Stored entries
******
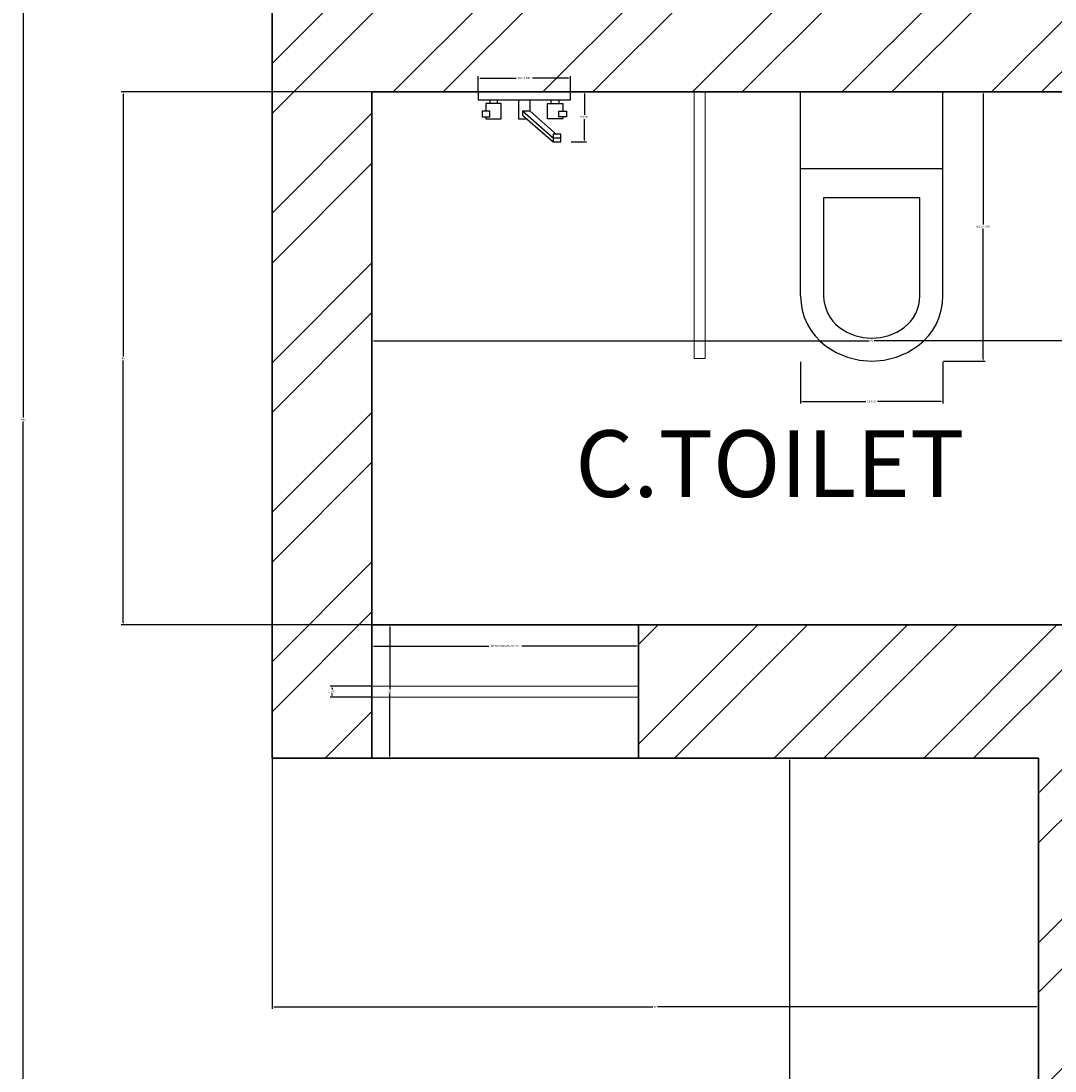
# Model space of a CAD drawing. Units: inches. Extents: x 3449 to 3843, y 1566 to 2054.
# Tile 2 of 8: x 3449 to 3543, y 1751 to 1846. Entities that reach past the tile are written whole.
import ezdxf

# ---------------------------------------------------------------- set-up
doc = ezdxf.new("R2010")
doc.units = ezdxf.units.IN
for name, color, linetype, lineweight in [('A-ANNO-DIMS', 2, 'Continuous', 18), ('A-AREA-IDEN', 7, 'Continuous', 25), ('A-GLAZ', 5, 'Continuous', 18), ('A-WALL', 7, 'Continuous', 35), ('A-WALL-PATT', 251, 'Continuous', 13), ('Сантехника', 7, 'Continuous', 18)]:
    doc.layers.add(name, color=color, linetype=linetype, lineweight=lineweight)
doc.layers.add('SANTEH', color=7, linetype='Continuous')
doc.styles.get("Standard").update_dxf_attribs({"font": 'arial.ttf'})
doc.dimstyles.get("Standard").update_dxf_attribs({"dimtxt": 0.18, "dimasz": 0.18, "dimexe": 0.18, "dimexo": 0.0625, "dimgap": 0.09, "dimtad": 0, "dimtih": 1, "dimtoh": 1, "dimdec": 4, "dimzin": 0, "dimdsep": 46, "dimtxsty": 'Standard', "dimcen": 0.09, "dimadec": 0, "dimazin": 0, "dimtfac": 1, "dimtdec": 4, "dimtofl": 0, "dimtmove": 0, "dimatfit": 3, "dimfxl": 1, "dimtolj": 1, "dimtzin": 0, "dimarcsym": 0})

# ---------------------------------------------------------------- blocks, each defined once
blk = doc.blocks.new('WC With Cistern_103')
at = {"layer": 'SANTEH'}
for p, q in [((0, 170), (0, 700)), ((370, 700), (0, 700)), ((370, 170), (370, 700)), ((370, 500), (0, 500)), ((60, 425), (60, 170)), ((310, 425), (60, 425)), ((310, 170), (310, 425))]:
    blk.add_line(p, q, dxfattribs=at)
for points in [[(0, 170), (1.1, 151.2), (4.3, 132.7), (9.7, 114.6), (17.1, 97.3), (26.5, 81), (37.7, 65.9), (50.6, 52.1), (65, 40)], [(60, 170), (60.7, 158.1), (62.7, 146.5), (66.1, 135.1), (70.8, 124.2), (76.7, 113.9), (83.8, 104.3), (91.9, 95.7), (101, 88)], [(269, 88), (278.1, 95.7), (286.2, 104.3), (293.3, 113.9), (299.2, 124.2), (303.9, 135.1), (307.3, 146.5), (309.3, 158.1), (310, 170)], [(305, 40), (319.4, 52.1), (332.3, 65.9), (343.5, 81), (352.9, 97.3), (360.3, 114.6), (365.7, 132.7), (368.9, 151.2), (370, 170)], [(101, 88), (120, 76), (140.7, 67.2), (162.6, 61.8), (185, 60), (207.4, 61.8), (229.3, 67.2), (250, 76), (269, 88)], [(65, 40), (92.2, 22.8), (121.8, 10.3), (153, 2.6), (185, 0), (217, 2.6), (248.2, 10.3), (277.8, 22.8), (305, 40)]]:
    blk.add_lwpolyline(points, dxfattribs=at)
blk = doc.blocks.new('Faucet - kit sink front')
at = {"layer": 'SANTEH'}
for p, q in [((-0.25, 3), (3.75, 6.5)), ((3.75, 6), (-0.25, 2.5)), ((4.1921, 5.5041), (0.75, 2.5)), ((3.75, 6), (3.75, 6.5)), ((3.75, 6.5), (4.75, 6.5)), ((3.75, 5.5), (3.75, 6)), ((4.75, 6), (3.75, 6)), ((4.75, 5.5), (3.75, 5.5)), ((4.75, 6.5), (4.75, 6)), ((4.75, 6), (4.75, 5.5)), ((-0.75, 3.5), (0.3192, 3.5)), ((-0.75, 1), (-0.75, 3.5)), ((-0.25, 2.5), (-0.25, 3)), ((-4.5, 1), (-4.5, 1.5)), ((-3.5, 1.5), (-3.5, 1)), ((0.75, 2.5), (-0.25, 2.5)), ((0.75, 2.5), (0.75, 1)), ((3.5, 1.5), (3.5, 1)), ((4.5, 1), (4.5, 1.5))]:
    blk.add_line(p, q, dxfattribs=at)
for points in [[(-5.5, 2.5), (-5.5, 3.25), (-4.5, 3.25), (-4.5, 2.5)], [(5.5, 2.5), (5.5, 3.25), (4.5, 3.25), (4.5, 2.5)], [(-6, 0), (-6, 1), (6, 1), (6, 0)]]:
    blk.add_lwpolyline(points, close=True, dxfattribs=at)
for points in [[(-5, 3.2513), (-5, 3.5), (-3, 3.5), (-3, 1.5), (-5, 1.5), (-5, 2.5)], [(5, 3.2513), (5, 3.5), (3, 3.5), (3, 1.5), (5, 1.5), (5, 2.5)]]:
    blk.add_lwpolyline(points, dxfattribs=at)
blk = doc.blocks.new('SHOWER-SCREEN-24')
for p, q in [((0, 24), (0, 0)), ((1, 24), (1, 0)), ((0, 0), (1, 0))]:
    blk.add_line(p, q)
blk = doc.blocks.new('GLAZING-24')
for p, q in [((24, 1), (0, 1)), ((24, 0), (0, 0))]:
    blk.add_line(p, q)
blk = doc.blocks.new('*D50')
at = {"layer": 'A-ANNO-DIMS', "color": 0, "lineweight": -2, "transparency": 16777216}
for p, q in [((3532.56, 1839.614), (3536.315, 1839.614)), ((3536.135, 1839.434), (3536.135, 1827.673)), ((3536.135, 1815.545), (3536.135, 1827.307)), ((3532.56, 1815.365), (3536.315, 1815.365))]:
    blk.add_line(p, q, dxfattribs=at)
at = {"layer": 'A-ANNO-DIMS', "color": 0, "transparency": 16777216}
for points in [[(3536.105, 1839.434), (3536.165, 1839.434), (3536.135, 1839.614)], [(3536.105, 1815.545), (3536.165, 1815.545), (3536.135, 1815.365)]]:
    blk.add_solid(points, dxfattribs=at)
at = {"layer": 'Defpoints', "color": 0, "transparency": 16777216}
for p in [(3532.497, 1839.614), (3536.135, 1839.614), (3532.497, 1815.365)]:
    blk.add_point(p, dxfattribs=at)
at = {"layer": 'A-ANNO-DIMS', "color": 0, "transparency": 16777216, "insert": (3536.135, 1827.49), "char_height": 0.18, "attachment_point": 5}
blk.add_mtext('\\A1;WC 24 TYP.', dxfattribs=at)
blk = doc.blocks.new('*D51')
at = {"layer": 'A-ANNO-DIMS', "color": 0, "lineweight": -2, "transparency": 16777216}
for p, q in [((3519.679, 1815.302), (3519.679, 1811.548)), ((3532.497, 1815.302), (3532.497, 1811.548)), ((3519.859, 1811.728), (3525.568, 1811.728)), ((3532.317, 1811.728), (3526.608, 1811.728))]:
    blk.add_line(p, q, dxfattribs=at)
at = {"layer": 'A-ANNO-DIMS', "color": 0, "transparency": 16777216}
for points in [[(3519.859, 1811.758), (3519.859, 1811.698), (3519.679, 1811.728)], [(3532.317, 1811.758), (3532.317, 1811.698), (3532.497, 1811.728)]]:
    blk.add_solid(points, dxfattribs=at)
at = {"layer": 'Defpoints', "color": 0, "transparency": 16777216}
for p in [(3519.679, 1815.365), (3532.497, 1815.365), (3532.497, 1811.728)]:
    blk.add_point(p, dxfattribs=at)
at = {"layer": 'A-ANNO-DIMS', "color": 0, "transparency": 16777216, "insert": (3526.088, 1811.728), "char_height": 0.18, "attachment_point": 5}
blk.add_mtext('\\A1;13 TYP.', dxfattribs=at)
blk = doc.blocks.new('*D52')
at = {"layer": 'A-ANNO-DIMS', "color": 0, "lineweight": -2, "transparency": 16777216}
for p, q in [((3490.648, 1839.677), (3490.648, 1841.041)), ((3490.828, 1840.861), (3494.065, 1840.861)), ((3498.782, 1840.861), (3495.544, 1840.861)), ((3498.962, 1839.677), (3498.962, 1841.041))]:
    blk.add_line(p, q, dxfattribs=at)
at = {"layer": 'A-ANNO-DIMS', "color": 0, "transparency": 16777216}
for points in [[(3490.828, 1840.891), (3490.828, 1840.831), (3490.648, 1840.861)], [(3498.782, 1840.891), (3498.782, 1840.831), (3498.962, 1840.861)]]:
    blk.add_solid(points, dxfattribs=at)
at = {"layer": 'Defpoints', "color": 0, "transparency": 16777216}
for p in [(3498.962, 1840.861), (3490.648, 1839.614), (3498.962, 1839.614)]:
    blk.add_point(p, dxfattribs=at)
at = {"layer": 'A-ANNO-DIMS', "color": 0, "transparency": 16777216, "insert": (3494.805, 1840.861), "char_height": 0.18, "attachment_point": 5}
blk.add_mtext('\\A1;TAP 8 TYP.', dxfattribs=at)
blk = doc.blocks.new('*D53')
at = {"layer": 'A-ANNO-DIMS', "color": 0, "lineweight": -2, "transparency": 16777216}
for p, q in [((3499.024, 1839.614), (3500.389, 1839.614)), ((3500.209, 1839.434), (3500.209, 1837.544)), ((3500.209, 1835.291), (3500.209, 1837.181)), ((3499.024, 1835.111), (3500.389, 1835.111))]:
    blk.add_line(p, q, dxfattribs=at)
at = {"layer": 'A-ANNO-DIMS', "color": 0, "transparency": 16777216}
for points in [[(3500.179, 1839.434), (3500.239, 1839.434), (3500.209, 1839.614)], [(3500.179, 1835.291), (3500.239, 1835.291), (3500.209, 1835.111)]]:
    blk.add_solid(points, dxfattribs=at)
at = {"layer": 'Defpoints', "color": 0, "transparency": 16777216}
for p in [(3498.962, 1839.614), (3498.962, 1835.111), (3500.209, 1835.111)]:
    blk.add_point(p, dxfattribs=at)
at = {"layer": 'A-ANNO-DIMS', "color": 0, "transparency": 16777216, "insert": (3500.209, 1837.363), "char_height": 0.18, "attachment_point": 5}
blk.add_mtext('\\A1;5 TYP.', dxfattribs=at)
blk = doc.blocks.new('*D58')
at = {"layer": 'A-ANNO-DIMS', "color": 0, "lineweight": -2, "transparency": 16777216}
for p, q in [((3481.088, 1786.177), (3481.088, 1789.894)), ((3481.268, 1789.714), (3491.607, 1789.714)), ((3504.908, 1789.714), (3494.569, 1789.714)), ((3505.088, 1786.177), (3505.088, 1789.894))]:
    blk.add_line(p, q, dxfattribs=at)
at = {"layer": 'A-ANNO-DIMS', "color": 0, "transparency": 16777216}
for points in [[(3481.268, 1789.744), (3481.268, 1789.684), (3481.088, 1789.714)], [(3504.908, 1789.744), (3504.908, 1789.684), (3505.088, 1789.714)]]:
    blk.add_solid(points, dxfattribs=at)
at = {"layer": 'Defpoints', "color": 0, "transparency": 16777216}
for p in [(3505.088, 1789.714), (3481.088, 1786.114), (3505.088, 1786.114)]:
    blk.add_point(p, dxfattribs=at)
at = {"layer": 'A-ANNO-DIMS', "color": 0, "transparency": 16777216, "insert": (3493.088, 1789.714), "char_height": 0.18, "attachment_point": 5}
blk.add_mtext('\\A1;BATH WINDOW 24 TYP.', dxfattribs=at)
blk = doc.blocks.new('*D59')
at = {"layer": 'A-ANNO-DIMS', "color": 0, "lineweight": -2, "transparency": 16777216}
for p, q in [((3481.026, 1786.114), (3477.308, 1786.114)), ((3477.488, 1785.934), (3477.488, 1785.795)), ((3477.488, 1785.294), (3477.488, 1785.434)), ((3481.026, 1785.114), (3477.308, 1785.114))]:
    blk.add_line(p, q, dxfattribs=at)
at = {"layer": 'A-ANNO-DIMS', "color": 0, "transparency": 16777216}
******
Instructions to follow:
The answer must be every line of the data that contains the word "linetype".

Your solution:
for name, color, linetype, lineweight in [('A-ANNO-DIMS', 2, 'Continuous', 18), ('A-AREA-IDEN', 7, 'Continuous', 25), ('A-GLAZ', 5, 'Continuous', 18), ('A-WALL', 7, 'Continuous', 35), ('A-WALL-PATT', 251, 'Continuous', 13), ('Сантехника', 7, 'Continuous', 18)]:
    doc.layers.add(name, color=color, linetype=linetype, lineweight=lineweight)
doc.layers.add('SANTEH', color=7, linetype='Continuous')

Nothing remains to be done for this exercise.